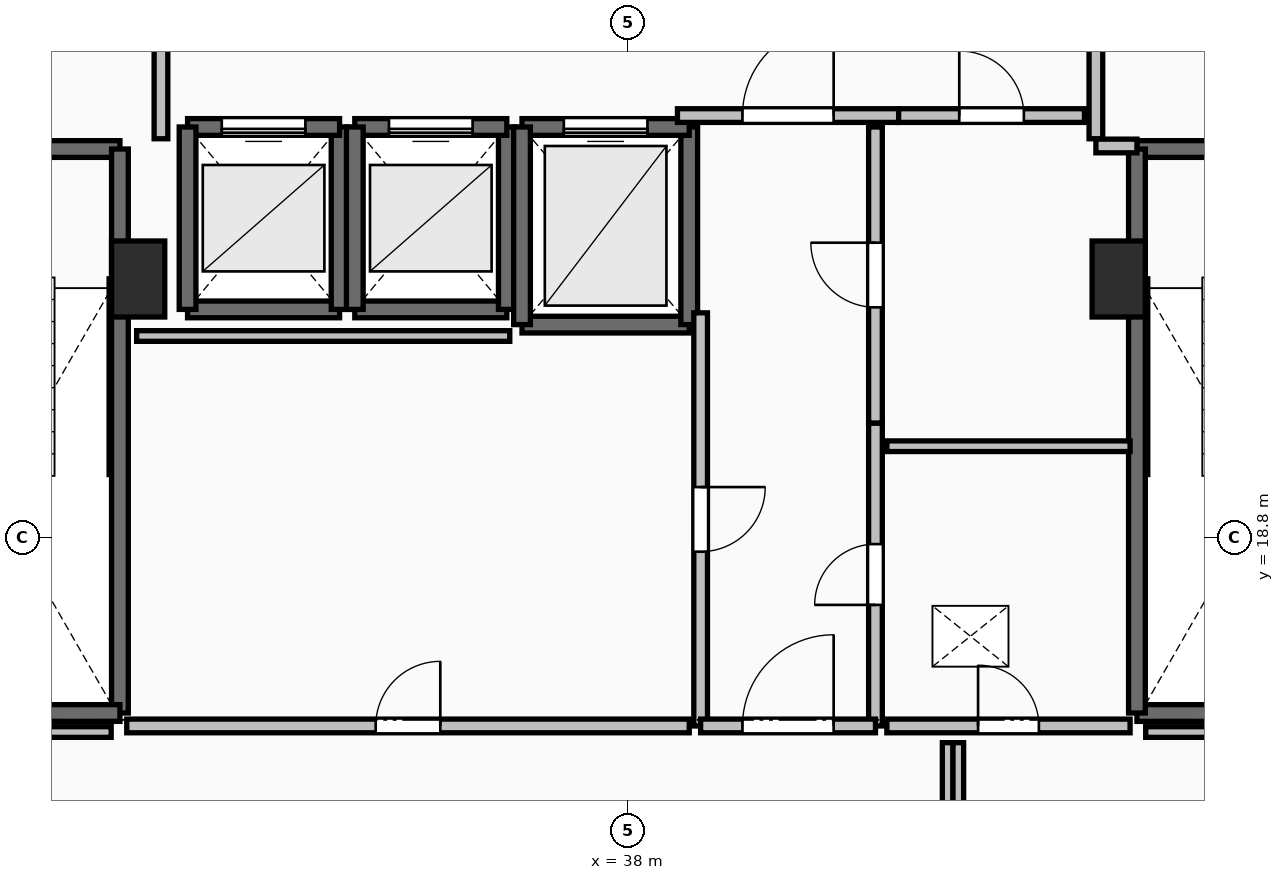
"""IFC4 building model, lengths in metres.
Left out: names, types, materials, properties, quantities, classifications, styles, units other than length and angle.
Written with IfcOpenShell. Run it as: python <this file> out.ifc"""

import sys

from ifc_helpers import new_model, si_unit, direction, frame, frame_2d, origin, origin_2d, place, context, subcontext, project, spatial, rectangle, extrude, element, fill, save


model = new_model("IFC4")
c1 = context("Model", 3, precision=1e-05, world=origin(), true_north=direction((0.0, 1.0)))
c2 = subcontext(c1, "Body", "Model", "MODEL_VIEW")
j1 = project(units=[si_unit("LENGTHUNIT", "METRE"), si_unit("PLANEANGLEUNIT", "RADIAN")], contexts=[c1])
p1 = place(None, origin())
s1 = spatial("IfcSite", under=j1, at=p1, CompositionType="ELEMENT")
p2 = place(p1, origin())
s2 = spatial("IfcBuilding", under=s1, at=p2, CompositionType="ELEMENT")
p3 = place(p2, frame((0.0, 0.0, 179.1)))
s3 = spatial("IfcBuildingStorey", under=s2, at=p3, CompositionType="ELEMENT", Elevation=179.1)
for number, where, z_axis, x_axis in (
    (1, (31.55, 22.2, 0.0), (0.0, 0.0, 1.0), (1.0, 0.0, 0.0)),
    (2, (44.45, 22.2, 0.0), (0.0, 0.0, 1.0), (1.0, 0.0, 0.0)),
):
    element("IfcColumn", number, at=place(p3, frame(where, z_axis=z_axis, x_axis=x_axis)), inside=s3, PredefinedType="PILASTER", context=c2, shape_type="SweptSolid", body=[
        extrude(rectangle(XDim=0.7, YDim=1.0, at=origin_2d()), origin(), (0.0, 0.0, 1.0), 3.5),
    ])
p4 = place(p3, frame((27.94, 23.91, 0.0), z_axis=(0.0, 0.0, 1.0), x_axis=(1.0, 0.0, 0.0)))
e3 = element("IfcWall", 3, at=p4, inside=s3, PredefinedType="SOLIDWALL", context=c2, shape_type="SweptSolid", body=[
    extrude(rectangle(XDim=3.37, YDim=0.22, at=frame_2d((1.685, 0.0))), origin(), (0.0, 0.0, 1.0), 3.24),
])
p5 = place(p4, frame((1.135, 0.0, 0.0)))
e4 = element("IfcOpeningElement", 4, at=p5, cuts=e3, PredefinedType="OPENING", context=c2, shape_type="SweptSolid", body=[
    extrude(rectangle(XDim=1.1, YDim=2.15, at=frame_2d((0.55, 1.075))), frame((0.0, 0.125, 0.0), z_axis=(0.0, -1.0, 0.0), x_axis=(1.0, 0.0, 0.0)), (0.0, 0.0, 1.0), 0.25),
])
p6 = place(p3, frame((31.31, 23.91, 0.0), z_axis=(0.0, 0.0, 1.0), x_axis=(0.0, -1.0, 0.0)))
e5 = element("IfcWall", 5, at=p6, inside=s3, PredefinedType="SOLIDWALL", context=c2, shape_type="SweptSolid", body=[
    extrude(rectangle(XDim=7.42, YDim=0.22, at=frame_2d((3.71, 0.0))), origin(), (0.0, 0.0, 1.0), 3.24),
])
p7 = place(p3, frame((31.31, 16.49, 0.0), z_axis=(0.0, 0.0, 1.0), x_axis=(-1.0, 0.0, 0.0)))
e6 = element("IfcWall", 6, at=p7, inside=s3, PredefinedType="SOLIDWALL", context=c2, shape_type="SweptSolid", body=[
    extrude(rectangle(XDim=3.37, YDim=0.22, at=frame_2d((1.685, 0.0))), origin(), (0.0, 0.0, 1.0), 3.24),
])
p8 = place(p3, frame((44.69, 23.91, 0.0), z_axis=(0.0, 0.0, 1.0), x_axis=(1.0, 0.0, 0.0)))
e7 = element("IfcWall", 7, at=p8, inside=s3, PredefinedType="SOLIDWALL", context=c2, shape_type="SweptSolid", body=[
    extrude(rectangle(XDim=3.37, YDim=0.22, at=frame_2d((1.685, 0.0))), origin(), (0.0, 0.0, 1.0), 3.24),
])
p9 = place(p8, frame((1.135, 0.0, 0.0)))
e8 = element("IfcOpeningElement", 8, at=p9, cuts=e7, PredefinedType="OPENING", context=c2, shape_type="SweptSolid", body=[
    extrude(rectangle(XDim=1.1, YDim=2.15, at=frame_2d((0.55, 1.075))), frame((0.0, 0.125, 0.0), z_axis=(0.0, -1.0, 0.0), x_axis=(1.0, 0.0, 0.0)), (0.0, 0.0, 1.0), 0.25),
])
p10 = place(p3, frame((48.06, 16.49, 0.0), z_axis=(0.0, 0.0, 1.0), x_axis=(-1.0, 0.0, 0.0)))
e9 = element("IfcWall", 9, at=p10, inside=s3, PredefinedType="SOLIDWALL", context=c2, shape_type="SweptSolid", body=[
    extrude(rectangle(XDim=3.37, YDim=0.22, at=frame_2d((1.685, 0.0))), origin(), (0.0, 0.0, 1.0), 3.24),
])
p11 = place(p3, frame((44.69, 16.49, 0.0), z_axis=(0.0, 0.0, 1.0), x_axis=(0.0, 1.0, 0.0)))
e10 = element("IfcWall", 10, at=p11, inside=s3, PredefinedType="SOLIDWALL", context=c2, shape_type="SweptSolid", body=[
    extrude(rectangle(XDim=7.42, YDim=0.22, at=frame_2d((3.71, 0.0))), origin(), (0.0, 0.0, 1.0), 3.24),
])
p12 = place(p3, frame((32.2, 21.8, 0.0), z_axis=(0.0, 0.0, 1.0), x_axis=(1.0, 0.0, 0.0)))
e11 = element("IfcWall", 11, at=p12, inside=s3, PredefinedType="SOLIDWALL", context=c2, shape_type="SweptSolid", body=[
    extrude(rectangle(XDim=2.0, YDim=0.22, at=frame_2d((1.0, 0.0))), origin(), (0.0, 0.0, 1.0), 3.24),
])
p13 = place(p3, frame((34.2, 21.8, 0.0), z_axis=(0.0, 0.0, 1.0), x_axis=(0.0, 1.0, 0.0)))
e12 = element("IfcWall", 12, at=p13, inside=s3, PredefinedType="SOLIDWALL", context=c2, shape_type="SweptSolid", body=[
    extrude(rectangle(XDim=2.4, YDim=0.22, at=frame_2d((1.2, 0.0))), origin(), (0.0, 0.0, 1.0), 3.24),
])
p14 = place(p3, frame((34.2, 24.2, 0.0), z_axis=(0.0, 0.0, 1.0), x_axis=(-1.0, 0.0, 0.0)))
e13 = element("IfcWall", 13, at=p14, inside=s3, PredefinedType="SOLIDWALL", context=c2, shape_type="SweptSolid", body=[
    extrude(rectangle(XDim=2.0, YDim=0.22, at=frame_2d((1.0, 0.0))), origin(), (0.0, 0.0, 1.0), 3.24),
])
p15 = place(p14, frame((0.45, 0.0, 0.0)))
e14 = element("IfcOpeningElement", 14, at=p15, cuts=e13, PredefinedType="OPENING", context=c2, shape_type="SweptSolid", body=[
    extrude(rectangle(XDim=1.1, YDim=2.2, at=frame_2d((0.55, 1.1))), frame((0.0, 0.125, 0.0), z_axis=(0.0, -1.0, 0.0), x_axis=(1.0, 0.0, 0.0)), (0.0, 0.0, 1.0), 0.25),
])
p16 = place(p3, frame((32.2, 24.2, 0.0), z_axis=(0.0, 0.0, 1.0), x_axis=(0.0, -1.0, 0.0)))
e15 = element("IfcWall", 15, at=p16, inside=s3, PredefinedType="SOLIDWALL", context=c2, shape_type="SweptSolid", body=[
    extrude(rectangle(XDim=2.4, YDim=0.22, at=frame_2d((1.2, 0.0))), origin(), (0.0, 0.0, 1.0), 3.24),
])
p17 = place(p3, frame((34.4, 21.8, 0.0), z_axis=(0.0, 0.0, 1.0), x_axis=(1.0, 0.0, 0.0)))
e16 = element("IfcWall", 16, at=p17, inside=s3, PredefinedType="SOLIDWALL", context=c2, shape_type="SweptSolid", body=[
    extrude(rectangle(XDim=2.0, YDim=0.22, at=frame_2d((1.0, 0.0))), origin(), (0.0, 0.0, 1.0), 3.24),
])
p18 = place(p3, frame((36.4, 21.8, 0.0), z_axis=(0.0, 0.0, 1.0), x_axis=(0.0, 1.0, 0.0)))
e17 = element("IfcWall", 17, at=p18, inside=s3, PredefinedType="SOLIDWALL", context=c2, shape_type="SweptSolid", body=[
    extrude(rectangle(XDim=2.4, YDim=0.22, at=frame_2d((1.2, 0.0))), origin(), (0.0, 0.0, 1.0), 3.24),
])
p19 = place(p3, frame((36.4, 24.2, 0.0), z_axis=(0.0, 0.0, 1.0), x_axis=(-1.0, 0.0, 0.0)))
e18 = element("IfcWall", 18, at=p19, inside=s3, PredefinedType="SOLIDWALL", context=c2, shape_type="SweptSolid", body=[
    extrude(rectangle(XDim=2.0, YDim=0.22, at=frame_2d((1.0, 0.0))), origin(), (0.0, 0.0, 1.0), 3.24),
])
p20 = place(p19, frame((0.45, 0.0, 0.0)))
e19 = element("IfcOpeningElement", 19, at=p20, cuts=e18, PredefinedType="OPENING", context=c2, shape_type="SweptSolid", body=[
    extrude(rectangle(XDim=1.1, YDim=2.2, at=frame_2d((0.55, 1.1))), frame((0.0, 0.125, 0.0), z_axis=(0.0, -1.0, 0.0), x_axis=(1.0, 0.0, 0.0)), (0.0, 0.0, 1.0), 0.25),
])
p21 = place(p3, frame((34.4, 24.2, 0.0), z_axis=(0.0, 0.0, 1.0), x_axis=(0.0, -1.0, 0.0)))
e20 = element("IfcWall", 20, at=p21, inside=s3, PredefinedType="SOLIDWALL", context=c2, shape_type="SweptSolid", body=[
    extrude(rectangle(XDim=2.4, YDim=0.22, at=frame_2d((1.2, 0.0))), origin(), (0.0, 0.0, 1.0), 3.24),
])
p22 = place(p3, frame((36.6, 21.6, 0.0), z_axis=(0.0, 0.0, 1.0), x_axis=(1.0, 0.0, 0.0)))
e21 = element("IfcWall", 21, at=p22, inside=s3, PredefinedType="SOLIDWALL", context=c2, shape_type="SweptSolid", body=[
    extrude(rectangle(XDim=2.2, YDim=0.22, at=frame_2d((1.1, 0.0))), origin(), (0.0, 0.0, 1.0), 3.24),
])
p23 = place(p3, frame((38.8, 21.6, 0.0), z_axis=(0.0, 0.0, 1.0), x_axis=(0.0, 1.0, 0.0)))
e22 = element("IfcWall", 22, at=p23, inside=s3, PredefinedType="SOLIDWALL", context=c2, shape_type="SweptSolid", body=[
    extrude(rectangle(XDim=2.6, YDim=0.22, at=frame_2d((1.3, 0.0))), origin(), (0.0, 0.0, 1.0), 3.24),
])
p24 = place(p3, frame((38.8, 24.2, 0.0), z_axis=(0.0, 0.0, 1.0), x_axis=(-1.0, 0.0, 0.0)))
e23 = element("IfcWall", 23, at=p24, inside=s3, PredefinedType="SOLIDWALL", context=c2, shape_type="SweptSolid", body=[
    extrude(rectangle(XDim=2.2, YDim=0.22, at=frame_2d((1.1, 0.0))), origin(), (0.0, 0.0, 1.0), 3.24),
])
p25 = place(p24, frame((0.55, 0.0, 0.0)))
e24 = element("IfcOpeningElement", 24, at=p25, cuts=e23, PredefinedType="OPENING", context=c2, shape_type="SweptSolid", body=[
    extrude(rectangle(XDim=1.1, YDim=2.2, at=frame_2d((0.55, 1.1))), frame((0.0, 0.125, 0.0), z_axis=(0.0, -1.0, 0.0), x_axis=(1.0, 0.0, 0.0)), (0.0, 0.0, 1.0), 0.25),
])
p26 = place(p3, frame((36.6, 24.2, 0.0), z_axis=(0.0, 0.0, 1.0), x_axis=(0.0, -1.0, 0.0)))
e25 = element("IfcWall", 25, at=p26, inside=s3, PredefinedType="SOLIDWALL", context=c2, shape_type="SweptSolid", body=[
    extrude(rectangle(XDim=2.6, YDim=0.22, at=frame_2d((1.3, 0.0))), origin(), (0.0, 0.0, 1.0), 3.24),
])
p27 = place(p3, frame((31.85, 24.045, 0.0), z_axis=(0.0, 0.0, 1.0), x_axis=(0.0, 1.0, 0.0)))
e26 = element("IfcWall", 26, at=p27, inside=s3, PredefinedType="PARTITIONING", context=c2, shape_type="SweptSolid", body=[
    extrude(rectangle(XDim=3.91, YDim=0.18, at=frame_2d((1.955, 0.0))), origin(), (0.0, 0.0, 1.0), 3.24),
])
p28 = place(p27, frame((1.355, 0.0, 0.0)))
e27 = element("IfcOpeningElement", 27, at=p28, cuts=e26, PredefinedType="OPENING", context=c2, shape_type="SweptSolid", body=[
    extrude(rectangle(XDim=1.2, YDim=2.15, at=frame_2d((0.6, 1.075))), frame((0.0, 0.105, 0.0), z_axis=(0.0, -1.0, 0.0), x_axis=(1.0, 0.0, 0.0)), (0.0, 0.0, 1.0), 0.21),
])
p29 = place(p3, frame((44.15, 27.955, 0.0), z_axis=(0.0, 0.0, 1.0), x_axis=(0.0, -1.0, 0.0)))
e28 = element("IfcWall", 28, at=p29, inside=s3, PredefinedType="PARTITIONING", context=c2, shape_type="SweptSolid", body=[
    extrude(rectangle(XDim=3.91, YDim=0.18, at=frame_2d((1.955, 0.0))), origin(), (0.0, 0.0, 1.0), 3.24),
])
p30 = place(p29, frame((1.355, 0.0, 0.0)))
e29 = element("IfcOpeningElement", 29, at=p30, cuts=e28, PredefinedType="OPENING", context=c2, shape_type="SweptSolid", body=[
    extrude(rectangle(XDim=1.2, YDim=2.15, at=frame_2d((0.6, 1.075))), frame((0.0, 0.105, 0.0), z_axis=(0.0, -1.0, 0.0), x_axis=(1.0, 0.0, 0.0)), (0.0, 0.0, 1.0), 0.21),
])
p31 = place(p3, frame((44.15, 23.95, 0.0), z_axis=(0.0, 0.0, 1.0), x_axis=(1.0, 0.0, 0.0)))
e30 = element("IfcWall", 30, at=p31, inside=s3, PredefinedType="PARTITIONING", context=c2, shape_type="SweptSolid", body=[
    extrude(rectangle(XDim=0.54, YDim=0.18, at=frame_2d((0.27, 0.0))), origin(), (0.0, 0.0, 1.0), 3.24),
])
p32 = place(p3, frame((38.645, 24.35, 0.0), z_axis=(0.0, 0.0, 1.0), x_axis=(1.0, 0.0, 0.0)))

___

• [WORK TO COMPLETE]: Your answer should be a single number: the count of lines in the entries that contain the word "under".

• [SOLUTION FOR THIS EXERCISE]: 3